• How to complete this task: Where a line of the data below has the string "CompositionType", copy that line.

• Records supplied:
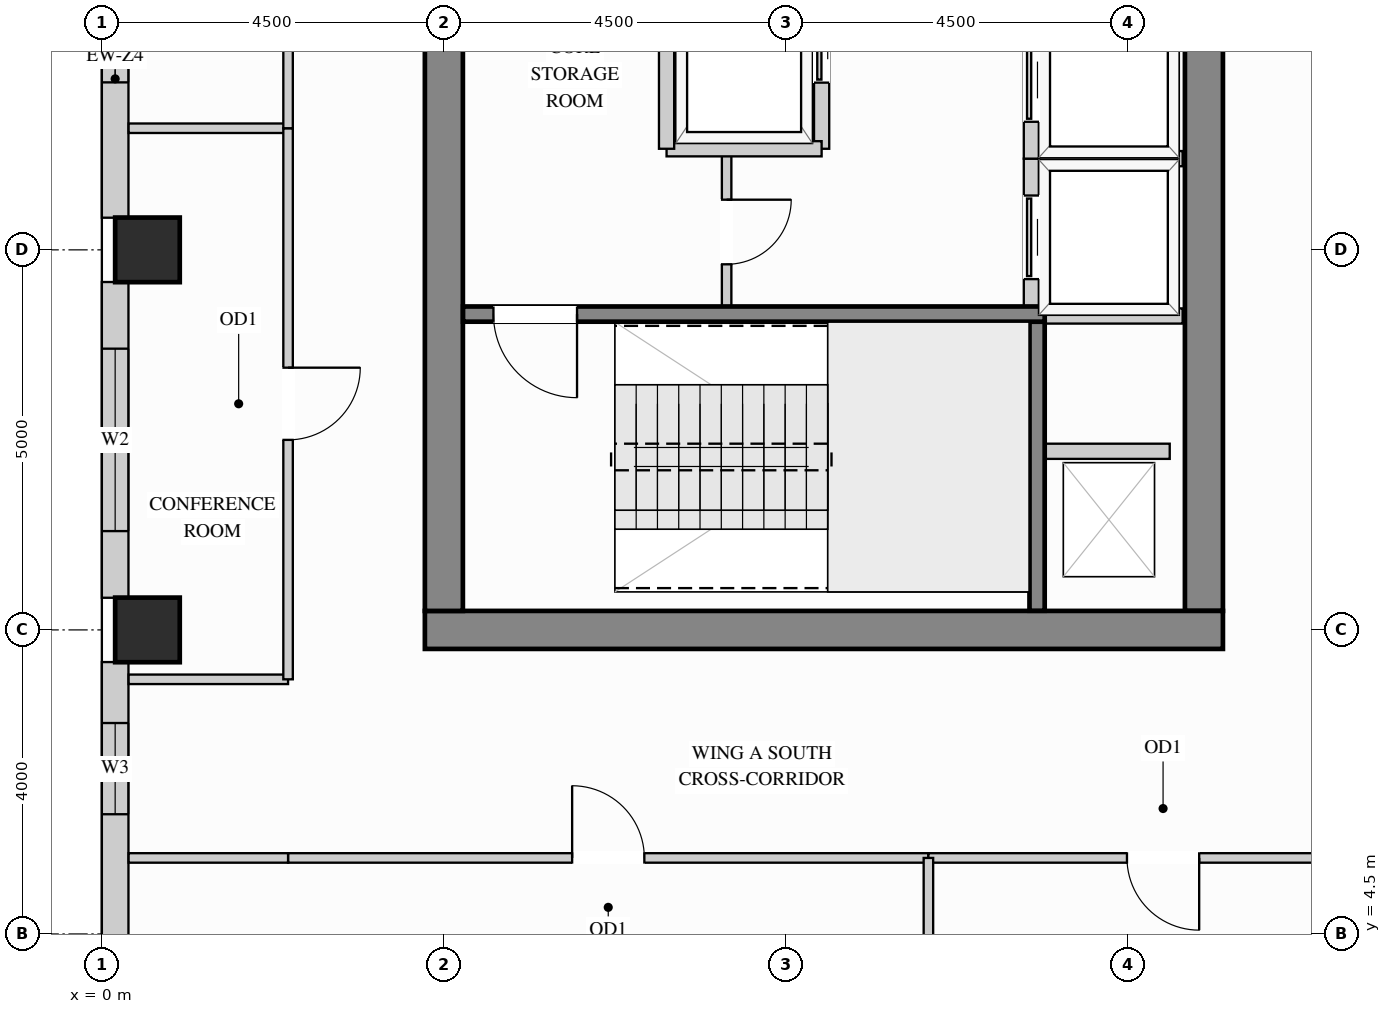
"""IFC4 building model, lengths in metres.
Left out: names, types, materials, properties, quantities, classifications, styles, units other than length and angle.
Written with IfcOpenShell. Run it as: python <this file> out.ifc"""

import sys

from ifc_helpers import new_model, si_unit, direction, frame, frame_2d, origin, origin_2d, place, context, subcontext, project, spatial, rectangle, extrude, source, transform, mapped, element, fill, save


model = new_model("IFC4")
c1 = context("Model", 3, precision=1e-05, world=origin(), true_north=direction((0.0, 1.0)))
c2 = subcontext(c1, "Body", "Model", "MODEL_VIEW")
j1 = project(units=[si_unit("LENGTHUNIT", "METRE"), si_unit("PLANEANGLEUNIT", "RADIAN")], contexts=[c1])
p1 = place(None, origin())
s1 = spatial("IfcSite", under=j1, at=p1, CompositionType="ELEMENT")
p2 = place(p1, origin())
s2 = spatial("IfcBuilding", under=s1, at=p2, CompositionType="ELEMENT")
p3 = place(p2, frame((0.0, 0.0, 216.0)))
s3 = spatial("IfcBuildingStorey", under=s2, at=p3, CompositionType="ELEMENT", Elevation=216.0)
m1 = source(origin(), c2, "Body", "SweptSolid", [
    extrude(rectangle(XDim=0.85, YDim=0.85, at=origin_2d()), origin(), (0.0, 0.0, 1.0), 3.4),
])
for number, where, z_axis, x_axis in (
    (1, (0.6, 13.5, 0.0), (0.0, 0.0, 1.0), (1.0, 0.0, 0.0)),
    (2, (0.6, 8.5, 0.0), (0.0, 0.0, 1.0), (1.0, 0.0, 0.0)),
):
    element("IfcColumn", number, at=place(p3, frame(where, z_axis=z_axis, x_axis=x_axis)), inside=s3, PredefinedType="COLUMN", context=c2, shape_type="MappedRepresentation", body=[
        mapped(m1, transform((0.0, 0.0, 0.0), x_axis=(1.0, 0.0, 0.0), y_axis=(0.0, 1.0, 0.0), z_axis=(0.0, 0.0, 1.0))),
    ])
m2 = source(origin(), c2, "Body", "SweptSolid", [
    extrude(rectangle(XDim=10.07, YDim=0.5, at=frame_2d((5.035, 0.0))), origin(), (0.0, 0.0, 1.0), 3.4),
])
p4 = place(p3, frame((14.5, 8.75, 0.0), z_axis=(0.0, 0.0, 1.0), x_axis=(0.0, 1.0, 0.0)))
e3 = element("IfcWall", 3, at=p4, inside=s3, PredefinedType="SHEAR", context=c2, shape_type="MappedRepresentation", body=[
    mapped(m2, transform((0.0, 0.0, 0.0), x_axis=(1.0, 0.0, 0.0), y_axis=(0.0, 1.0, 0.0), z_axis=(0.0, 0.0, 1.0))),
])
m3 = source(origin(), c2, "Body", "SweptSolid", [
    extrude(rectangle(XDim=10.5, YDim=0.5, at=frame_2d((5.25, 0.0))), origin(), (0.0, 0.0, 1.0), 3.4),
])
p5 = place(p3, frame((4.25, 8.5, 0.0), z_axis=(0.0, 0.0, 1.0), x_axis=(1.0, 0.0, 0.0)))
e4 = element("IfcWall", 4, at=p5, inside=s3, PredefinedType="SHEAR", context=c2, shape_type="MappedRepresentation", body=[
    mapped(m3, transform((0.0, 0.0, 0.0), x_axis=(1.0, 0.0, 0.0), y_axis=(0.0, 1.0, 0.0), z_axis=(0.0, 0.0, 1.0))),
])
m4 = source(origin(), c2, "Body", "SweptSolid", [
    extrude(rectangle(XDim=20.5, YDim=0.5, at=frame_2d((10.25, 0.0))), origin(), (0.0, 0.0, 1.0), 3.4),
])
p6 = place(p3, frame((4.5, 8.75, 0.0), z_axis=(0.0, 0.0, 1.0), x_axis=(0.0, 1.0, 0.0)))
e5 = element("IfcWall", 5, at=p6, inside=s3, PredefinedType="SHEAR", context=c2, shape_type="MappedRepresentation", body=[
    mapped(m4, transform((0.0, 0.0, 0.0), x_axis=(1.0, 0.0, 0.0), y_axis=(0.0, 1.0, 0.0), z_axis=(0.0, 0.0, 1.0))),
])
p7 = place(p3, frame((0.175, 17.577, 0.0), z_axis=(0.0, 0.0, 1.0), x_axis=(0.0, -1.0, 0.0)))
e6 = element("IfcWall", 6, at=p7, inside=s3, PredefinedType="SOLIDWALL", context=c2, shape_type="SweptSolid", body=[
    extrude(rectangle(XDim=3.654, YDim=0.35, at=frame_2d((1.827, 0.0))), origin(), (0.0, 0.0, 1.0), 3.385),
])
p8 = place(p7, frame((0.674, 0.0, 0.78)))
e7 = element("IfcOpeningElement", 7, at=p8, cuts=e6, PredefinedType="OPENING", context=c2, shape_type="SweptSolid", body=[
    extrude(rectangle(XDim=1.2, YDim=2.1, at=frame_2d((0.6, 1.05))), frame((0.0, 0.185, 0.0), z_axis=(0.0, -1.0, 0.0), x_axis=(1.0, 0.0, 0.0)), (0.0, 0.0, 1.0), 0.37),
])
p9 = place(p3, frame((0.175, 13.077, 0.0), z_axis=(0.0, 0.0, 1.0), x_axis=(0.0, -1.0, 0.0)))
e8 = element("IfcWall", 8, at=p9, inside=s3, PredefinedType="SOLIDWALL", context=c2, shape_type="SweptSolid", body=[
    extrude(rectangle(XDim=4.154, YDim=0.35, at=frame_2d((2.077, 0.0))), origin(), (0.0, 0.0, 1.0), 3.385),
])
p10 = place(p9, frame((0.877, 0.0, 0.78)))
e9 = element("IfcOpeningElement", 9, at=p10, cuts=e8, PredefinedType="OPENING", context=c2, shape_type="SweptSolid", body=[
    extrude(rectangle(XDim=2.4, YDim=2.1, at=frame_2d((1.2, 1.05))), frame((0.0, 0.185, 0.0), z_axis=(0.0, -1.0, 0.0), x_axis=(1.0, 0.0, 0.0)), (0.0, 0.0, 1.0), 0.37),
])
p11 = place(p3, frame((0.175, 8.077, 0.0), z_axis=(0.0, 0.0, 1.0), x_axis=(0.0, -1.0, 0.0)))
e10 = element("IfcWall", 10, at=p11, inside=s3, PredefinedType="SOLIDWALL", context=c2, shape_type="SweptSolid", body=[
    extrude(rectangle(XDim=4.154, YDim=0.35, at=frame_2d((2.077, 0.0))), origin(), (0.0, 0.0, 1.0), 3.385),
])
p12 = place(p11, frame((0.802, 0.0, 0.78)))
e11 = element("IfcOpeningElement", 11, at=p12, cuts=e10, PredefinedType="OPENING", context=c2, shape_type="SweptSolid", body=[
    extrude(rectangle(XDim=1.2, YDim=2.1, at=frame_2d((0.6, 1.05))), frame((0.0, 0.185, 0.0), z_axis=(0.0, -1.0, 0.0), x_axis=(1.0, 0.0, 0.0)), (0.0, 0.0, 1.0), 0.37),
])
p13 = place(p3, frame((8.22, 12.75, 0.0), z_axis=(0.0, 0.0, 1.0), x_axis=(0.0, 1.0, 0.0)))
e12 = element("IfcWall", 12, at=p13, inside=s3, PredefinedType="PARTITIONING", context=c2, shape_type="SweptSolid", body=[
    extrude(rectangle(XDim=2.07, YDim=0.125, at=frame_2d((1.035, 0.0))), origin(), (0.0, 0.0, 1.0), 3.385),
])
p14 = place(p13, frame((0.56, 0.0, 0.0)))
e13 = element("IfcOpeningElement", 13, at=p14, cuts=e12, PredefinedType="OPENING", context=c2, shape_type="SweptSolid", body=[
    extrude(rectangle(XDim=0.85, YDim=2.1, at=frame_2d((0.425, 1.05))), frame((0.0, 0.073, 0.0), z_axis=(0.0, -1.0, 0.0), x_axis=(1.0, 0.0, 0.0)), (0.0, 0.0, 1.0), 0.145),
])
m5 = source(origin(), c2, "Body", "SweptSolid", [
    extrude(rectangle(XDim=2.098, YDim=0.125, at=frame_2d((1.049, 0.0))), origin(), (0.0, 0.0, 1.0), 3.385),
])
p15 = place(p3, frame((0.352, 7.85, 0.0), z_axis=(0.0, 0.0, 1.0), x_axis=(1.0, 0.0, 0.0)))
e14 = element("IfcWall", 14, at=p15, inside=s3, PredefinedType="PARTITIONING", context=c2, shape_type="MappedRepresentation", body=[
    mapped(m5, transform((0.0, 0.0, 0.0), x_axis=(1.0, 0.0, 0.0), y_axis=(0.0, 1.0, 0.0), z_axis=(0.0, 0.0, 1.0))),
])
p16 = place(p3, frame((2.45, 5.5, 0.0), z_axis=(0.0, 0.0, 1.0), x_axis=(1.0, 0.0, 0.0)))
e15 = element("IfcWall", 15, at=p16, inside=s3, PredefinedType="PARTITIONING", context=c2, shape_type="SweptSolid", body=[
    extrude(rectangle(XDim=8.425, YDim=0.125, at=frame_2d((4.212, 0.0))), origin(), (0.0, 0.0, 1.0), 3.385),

• Output of the task:
s1 = spatial("IfcSite", under=j1, at=p1, CompositionType="ELEMENT")
s2 = spatial("IfcBuilding", under=s1, at=p2, CompositionType="ELEMENT")
s3 = spatial("IfcBuildingStorey", under=s2, at=p3, CompositionType="ELEMENT", Elevation=216.0)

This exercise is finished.